WHAT YOU NEED TO DO: Return every line below in which "direction" appears.
-- MATERIAL PROVIDED follows --
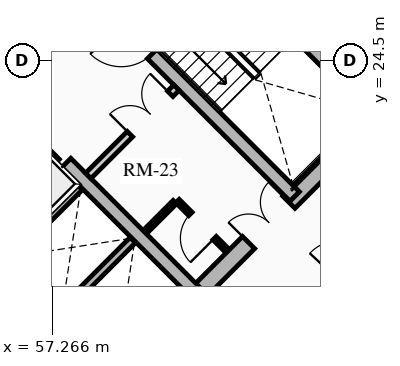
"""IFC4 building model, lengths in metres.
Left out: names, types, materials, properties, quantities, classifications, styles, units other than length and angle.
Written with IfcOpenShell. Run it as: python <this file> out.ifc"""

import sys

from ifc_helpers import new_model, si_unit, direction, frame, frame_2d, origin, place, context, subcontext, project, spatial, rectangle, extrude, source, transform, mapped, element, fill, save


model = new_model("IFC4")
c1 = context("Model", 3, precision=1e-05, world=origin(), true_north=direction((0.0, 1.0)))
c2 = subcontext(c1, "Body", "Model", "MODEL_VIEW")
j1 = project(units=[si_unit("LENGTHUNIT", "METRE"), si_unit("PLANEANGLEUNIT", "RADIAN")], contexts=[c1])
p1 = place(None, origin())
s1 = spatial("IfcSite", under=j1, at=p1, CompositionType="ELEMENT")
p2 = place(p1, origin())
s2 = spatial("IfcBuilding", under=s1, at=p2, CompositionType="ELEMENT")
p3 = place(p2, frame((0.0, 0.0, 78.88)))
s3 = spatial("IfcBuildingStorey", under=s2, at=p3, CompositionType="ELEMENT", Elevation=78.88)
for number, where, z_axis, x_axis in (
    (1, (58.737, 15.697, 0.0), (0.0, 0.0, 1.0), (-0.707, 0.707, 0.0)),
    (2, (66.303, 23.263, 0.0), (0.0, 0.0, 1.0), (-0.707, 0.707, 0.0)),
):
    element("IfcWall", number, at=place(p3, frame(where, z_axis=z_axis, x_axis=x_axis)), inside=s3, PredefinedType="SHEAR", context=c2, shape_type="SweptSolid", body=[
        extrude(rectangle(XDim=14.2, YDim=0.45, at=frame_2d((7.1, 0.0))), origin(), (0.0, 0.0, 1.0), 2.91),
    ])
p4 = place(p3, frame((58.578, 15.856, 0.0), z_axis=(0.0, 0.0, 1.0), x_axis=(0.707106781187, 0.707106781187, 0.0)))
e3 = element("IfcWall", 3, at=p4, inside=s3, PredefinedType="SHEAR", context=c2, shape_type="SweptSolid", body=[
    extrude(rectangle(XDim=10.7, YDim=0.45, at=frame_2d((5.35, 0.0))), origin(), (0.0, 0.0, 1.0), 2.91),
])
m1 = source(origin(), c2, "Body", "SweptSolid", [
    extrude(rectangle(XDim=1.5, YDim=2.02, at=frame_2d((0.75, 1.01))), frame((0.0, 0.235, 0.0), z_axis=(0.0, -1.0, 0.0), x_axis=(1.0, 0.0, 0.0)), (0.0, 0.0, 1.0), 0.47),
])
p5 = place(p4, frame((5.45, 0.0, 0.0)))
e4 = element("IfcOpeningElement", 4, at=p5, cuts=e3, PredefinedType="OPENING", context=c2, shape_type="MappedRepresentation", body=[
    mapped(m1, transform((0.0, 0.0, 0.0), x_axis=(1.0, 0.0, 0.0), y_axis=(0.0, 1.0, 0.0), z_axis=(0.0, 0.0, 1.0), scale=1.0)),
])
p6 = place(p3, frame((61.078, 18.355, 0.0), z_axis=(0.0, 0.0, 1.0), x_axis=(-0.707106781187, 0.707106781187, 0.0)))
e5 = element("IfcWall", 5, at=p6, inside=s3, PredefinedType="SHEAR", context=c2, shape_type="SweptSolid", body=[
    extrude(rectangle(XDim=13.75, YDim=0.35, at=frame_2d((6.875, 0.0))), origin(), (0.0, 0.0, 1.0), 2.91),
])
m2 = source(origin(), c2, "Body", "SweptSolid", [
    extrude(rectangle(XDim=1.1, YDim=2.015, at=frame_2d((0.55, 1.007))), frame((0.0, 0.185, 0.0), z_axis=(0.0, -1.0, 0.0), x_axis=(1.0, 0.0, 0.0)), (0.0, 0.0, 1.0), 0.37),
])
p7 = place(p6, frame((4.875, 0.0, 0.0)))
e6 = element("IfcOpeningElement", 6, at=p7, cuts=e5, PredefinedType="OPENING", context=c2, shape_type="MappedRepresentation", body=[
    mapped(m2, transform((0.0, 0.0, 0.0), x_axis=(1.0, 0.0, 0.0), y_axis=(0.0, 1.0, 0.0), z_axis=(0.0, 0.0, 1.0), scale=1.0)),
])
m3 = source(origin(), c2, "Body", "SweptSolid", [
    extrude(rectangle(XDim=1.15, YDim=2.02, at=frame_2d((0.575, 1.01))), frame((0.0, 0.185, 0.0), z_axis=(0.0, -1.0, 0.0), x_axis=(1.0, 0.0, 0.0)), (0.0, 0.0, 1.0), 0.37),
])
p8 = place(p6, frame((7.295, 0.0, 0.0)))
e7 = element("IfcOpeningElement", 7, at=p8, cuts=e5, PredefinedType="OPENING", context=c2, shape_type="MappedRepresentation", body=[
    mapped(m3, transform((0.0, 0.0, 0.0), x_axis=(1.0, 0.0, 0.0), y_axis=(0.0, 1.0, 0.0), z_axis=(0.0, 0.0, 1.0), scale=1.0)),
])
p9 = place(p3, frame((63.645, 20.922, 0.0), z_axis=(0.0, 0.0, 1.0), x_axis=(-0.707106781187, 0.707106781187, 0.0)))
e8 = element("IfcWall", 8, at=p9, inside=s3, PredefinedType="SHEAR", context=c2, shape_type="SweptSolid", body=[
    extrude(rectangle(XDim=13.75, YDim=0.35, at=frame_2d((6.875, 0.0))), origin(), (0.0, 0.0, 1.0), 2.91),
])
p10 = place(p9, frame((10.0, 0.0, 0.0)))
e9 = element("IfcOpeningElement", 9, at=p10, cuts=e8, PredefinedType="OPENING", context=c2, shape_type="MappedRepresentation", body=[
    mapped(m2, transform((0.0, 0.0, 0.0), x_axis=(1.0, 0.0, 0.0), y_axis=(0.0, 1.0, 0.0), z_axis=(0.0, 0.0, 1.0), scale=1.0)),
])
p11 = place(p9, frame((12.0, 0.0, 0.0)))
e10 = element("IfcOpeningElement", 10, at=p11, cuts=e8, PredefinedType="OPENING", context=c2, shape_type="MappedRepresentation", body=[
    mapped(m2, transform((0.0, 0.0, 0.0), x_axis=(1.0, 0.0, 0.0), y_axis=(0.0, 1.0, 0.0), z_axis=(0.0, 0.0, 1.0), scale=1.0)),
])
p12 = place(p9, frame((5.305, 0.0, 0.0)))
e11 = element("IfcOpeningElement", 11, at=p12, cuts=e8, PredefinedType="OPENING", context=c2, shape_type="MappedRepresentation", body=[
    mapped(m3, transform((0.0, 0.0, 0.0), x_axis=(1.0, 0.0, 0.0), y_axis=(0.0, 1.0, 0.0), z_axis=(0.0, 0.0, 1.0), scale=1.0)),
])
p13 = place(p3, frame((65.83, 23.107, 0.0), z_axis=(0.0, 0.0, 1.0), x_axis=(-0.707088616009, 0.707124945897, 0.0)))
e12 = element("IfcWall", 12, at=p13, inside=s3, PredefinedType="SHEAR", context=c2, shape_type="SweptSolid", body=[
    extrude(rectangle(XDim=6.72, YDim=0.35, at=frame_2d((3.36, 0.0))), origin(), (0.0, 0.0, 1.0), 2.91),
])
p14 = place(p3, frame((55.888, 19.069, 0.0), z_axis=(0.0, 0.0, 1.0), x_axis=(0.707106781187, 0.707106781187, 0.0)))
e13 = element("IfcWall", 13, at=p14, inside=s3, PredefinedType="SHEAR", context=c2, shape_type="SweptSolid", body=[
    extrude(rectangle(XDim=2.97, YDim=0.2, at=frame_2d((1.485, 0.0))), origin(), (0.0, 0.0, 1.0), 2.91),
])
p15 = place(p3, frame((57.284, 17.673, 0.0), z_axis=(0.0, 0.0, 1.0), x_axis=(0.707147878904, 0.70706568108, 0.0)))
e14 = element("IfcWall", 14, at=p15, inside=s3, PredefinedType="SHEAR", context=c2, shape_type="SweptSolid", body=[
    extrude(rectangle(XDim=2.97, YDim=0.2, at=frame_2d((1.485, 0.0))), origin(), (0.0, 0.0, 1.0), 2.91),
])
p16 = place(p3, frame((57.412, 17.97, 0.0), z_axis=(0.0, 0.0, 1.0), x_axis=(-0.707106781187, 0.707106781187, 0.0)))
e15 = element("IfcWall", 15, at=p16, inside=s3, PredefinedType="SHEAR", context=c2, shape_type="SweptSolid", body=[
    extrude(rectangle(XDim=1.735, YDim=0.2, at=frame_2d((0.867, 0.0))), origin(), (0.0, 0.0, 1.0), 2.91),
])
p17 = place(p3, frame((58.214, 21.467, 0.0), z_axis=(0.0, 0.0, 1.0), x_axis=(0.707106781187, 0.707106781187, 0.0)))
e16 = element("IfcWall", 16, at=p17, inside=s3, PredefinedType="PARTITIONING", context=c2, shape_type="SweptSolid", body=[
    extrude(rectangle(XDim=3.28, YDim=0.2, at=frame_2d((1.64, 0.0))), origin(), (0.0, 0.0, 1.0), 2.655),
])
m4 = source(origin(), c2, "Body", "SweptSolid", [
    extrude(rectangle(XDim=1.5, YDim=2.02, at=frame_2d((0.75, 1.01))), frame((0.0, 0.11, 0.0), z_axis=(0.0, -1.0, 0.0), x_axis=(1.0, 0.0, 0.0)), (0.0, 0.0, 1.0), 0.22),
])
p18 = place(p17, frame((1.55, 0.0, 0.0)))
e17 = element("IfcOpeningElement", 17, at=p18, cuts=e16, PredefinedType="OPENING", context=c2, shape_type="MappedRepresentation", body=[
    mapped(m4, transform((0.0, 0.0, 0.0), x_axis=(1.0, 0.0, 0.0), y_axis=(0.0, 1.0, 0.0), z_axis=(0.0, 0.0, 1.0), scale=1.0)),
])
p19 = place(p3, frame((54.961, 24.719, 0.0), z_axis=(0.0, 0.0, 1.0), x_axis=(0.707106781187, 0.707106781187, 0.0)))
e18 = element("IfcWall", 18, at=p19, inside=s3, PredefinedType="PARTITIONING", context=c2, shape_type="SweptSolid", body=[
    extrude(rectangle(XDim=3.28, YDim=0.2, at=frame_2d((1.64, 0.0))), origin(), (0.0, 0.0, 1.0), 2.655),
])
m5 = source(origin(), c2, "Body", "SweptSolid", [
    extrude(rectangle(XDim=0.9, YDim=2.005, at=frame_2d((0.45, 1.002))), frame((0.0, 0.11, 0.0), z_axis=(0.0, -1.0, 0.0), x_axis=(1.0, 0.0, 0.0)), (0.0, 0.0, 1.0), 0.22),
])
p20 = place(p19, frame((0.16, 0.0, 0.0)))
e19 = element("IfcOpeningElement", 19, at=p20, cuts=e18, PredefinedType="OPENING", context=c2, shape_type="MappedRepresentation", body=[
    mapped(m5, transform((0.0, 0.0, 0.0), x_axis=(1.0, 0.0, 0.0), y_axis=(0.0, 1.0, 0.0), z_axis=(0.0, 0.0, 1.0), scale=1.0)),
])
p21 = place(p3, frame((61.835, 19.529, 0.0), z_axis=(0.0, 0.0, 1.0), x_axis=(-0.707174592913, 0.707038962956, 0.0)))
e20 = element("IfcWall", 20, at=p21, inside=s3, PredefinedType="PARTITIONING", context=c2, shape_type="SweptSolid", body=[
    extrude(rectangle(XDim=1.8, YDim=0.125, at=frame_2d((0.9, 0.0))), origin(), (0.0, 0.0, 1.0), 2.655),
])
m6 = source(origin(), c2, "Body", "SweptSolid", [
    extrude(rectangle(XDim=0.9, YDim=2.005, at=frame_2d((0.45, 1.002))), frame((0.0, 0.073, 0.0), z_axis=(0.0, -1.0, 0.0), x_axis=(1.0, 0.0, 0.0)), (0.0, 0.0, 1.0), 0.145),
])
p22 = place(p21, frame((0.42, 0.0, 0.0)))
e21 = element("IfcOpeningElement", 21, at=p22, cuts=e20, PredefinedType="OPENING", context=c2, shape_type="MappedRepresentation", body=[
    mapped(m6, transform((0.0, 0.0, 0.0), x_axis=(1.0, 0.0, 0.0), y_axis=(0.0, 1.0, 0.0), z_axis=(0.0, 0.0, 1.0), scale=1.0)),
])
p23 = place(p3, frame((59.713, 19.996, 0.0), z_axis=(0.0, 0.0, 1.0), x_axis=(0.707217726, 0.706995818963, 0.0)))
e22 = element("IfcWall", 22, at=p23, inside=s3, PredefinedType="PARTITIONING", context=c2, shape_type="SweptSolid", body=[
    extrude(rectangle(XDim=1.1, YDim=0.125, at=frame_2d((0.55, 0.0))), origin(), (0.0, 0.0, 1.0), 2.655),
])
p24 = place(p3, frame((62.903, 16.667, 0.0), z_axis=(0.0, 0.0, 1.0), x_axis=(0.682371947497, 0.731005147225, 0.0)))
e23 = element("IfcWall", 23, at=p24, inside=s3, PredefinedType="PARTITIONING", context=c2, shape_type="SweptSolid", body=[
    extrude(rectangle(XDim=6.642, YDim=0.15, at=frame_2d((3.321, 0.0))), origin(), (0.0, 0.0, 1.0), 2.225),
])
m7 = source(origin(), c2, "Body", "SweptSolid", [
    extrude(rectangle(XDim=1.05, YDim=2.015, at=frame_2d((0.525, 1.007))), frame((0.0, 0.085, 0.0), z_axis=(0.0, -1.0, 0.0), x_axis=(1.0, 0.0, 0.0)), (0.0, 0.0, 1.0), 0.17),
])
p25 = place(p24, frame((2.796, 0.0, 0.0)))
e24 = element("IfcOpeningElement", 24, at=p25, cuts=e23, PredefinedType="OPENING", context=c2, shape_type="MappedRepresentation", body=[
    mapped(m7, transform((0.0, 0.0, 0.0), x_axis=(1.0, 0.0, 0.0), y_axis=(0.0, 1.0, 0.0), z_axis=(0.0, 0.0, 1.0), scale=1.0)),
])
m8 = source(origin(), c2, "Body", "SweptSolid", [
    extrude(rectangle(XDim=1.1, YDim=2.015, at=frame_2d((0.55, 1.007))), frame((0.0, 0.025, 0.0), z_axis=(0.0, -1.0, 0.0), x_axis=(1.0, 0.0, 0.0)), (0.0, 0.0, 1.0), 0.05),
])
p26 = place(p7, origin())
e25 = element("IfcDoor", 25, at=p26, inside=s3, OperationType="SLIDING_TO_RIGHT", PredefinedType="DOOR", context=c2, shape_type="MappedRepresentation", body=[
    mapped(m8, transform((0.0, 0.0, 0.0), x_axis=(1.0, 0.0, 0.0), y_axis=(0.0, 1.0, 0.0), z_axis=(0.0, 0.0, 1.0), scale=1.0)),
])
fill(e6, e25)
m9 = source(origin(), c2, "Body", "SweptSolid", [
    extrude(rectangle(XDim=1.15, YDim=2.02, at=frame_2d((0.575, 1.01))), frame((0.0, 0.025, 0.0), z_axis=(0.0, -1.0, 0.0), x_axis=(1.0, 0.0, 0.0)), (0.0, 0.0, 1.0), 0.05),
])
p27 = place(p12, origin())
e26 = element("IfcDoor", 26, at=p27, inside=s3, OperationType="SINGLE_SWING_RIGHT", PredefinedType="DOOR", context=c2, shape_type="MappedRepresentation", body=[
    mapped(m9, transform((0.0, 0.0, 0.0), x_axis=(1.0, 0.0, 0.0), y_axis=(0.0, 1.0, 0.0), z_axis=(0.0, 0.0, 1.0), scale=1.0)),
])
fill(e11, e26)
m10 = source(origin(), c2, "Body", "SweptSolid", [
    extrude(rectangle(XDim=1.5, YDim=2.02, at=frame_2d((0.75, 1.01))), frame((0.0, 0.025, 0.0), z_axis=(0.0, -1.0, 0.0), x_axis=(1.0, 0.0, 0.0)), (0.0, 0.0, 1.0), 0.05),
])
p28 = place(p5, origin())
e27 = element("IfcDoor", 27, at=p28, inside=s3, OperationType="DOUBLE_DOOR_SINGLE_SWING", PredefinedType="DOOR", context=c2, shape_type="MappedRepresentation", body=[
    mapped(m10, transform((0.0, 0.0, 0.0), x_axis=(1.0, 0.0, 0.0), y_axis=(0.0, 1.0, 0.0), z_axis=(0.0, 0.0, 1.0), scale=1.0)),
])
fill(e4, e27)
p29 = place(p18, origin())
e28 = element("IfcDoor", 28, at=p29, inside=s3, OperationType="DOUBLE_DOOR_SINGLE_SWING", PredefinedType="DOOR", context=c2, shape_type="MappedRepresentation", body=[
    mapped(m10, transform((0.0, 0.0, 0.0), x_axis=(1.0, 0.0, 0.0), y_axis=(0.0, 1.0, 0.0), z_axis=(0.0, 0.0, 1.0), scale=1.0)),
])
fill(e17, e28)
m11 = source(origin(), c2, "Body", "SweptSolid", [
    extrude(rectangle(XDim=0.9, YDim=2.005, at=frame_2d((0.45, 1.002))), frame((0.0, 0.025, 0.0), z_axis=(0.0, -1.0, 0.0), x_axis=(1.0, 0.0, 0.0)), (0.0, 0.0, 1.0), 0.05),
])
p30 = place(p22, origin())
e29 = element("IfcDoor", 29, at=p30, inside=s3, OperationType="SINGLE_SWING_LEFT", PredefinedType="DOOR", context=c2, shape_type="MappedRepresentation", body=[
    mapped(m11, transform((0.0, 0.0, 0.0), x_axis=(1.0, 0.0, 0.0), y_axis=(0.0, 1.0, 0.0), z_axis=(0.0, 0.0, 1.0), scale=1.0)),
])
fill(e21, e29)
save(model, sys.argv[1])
-- MATERIAL PROVIDED concluded --
RESPONSE AREA:
from ifc_helpers import new_model, si_unit, direction, frame, frame_2d, origin, place, context, subcontext, project, spatial, rectangle, extrude, source, transform, mapped, element, fill, save
c1 = context("Model", 3, precision=1e-05, world=origin(), true_north=direction((0.0, 1.0)))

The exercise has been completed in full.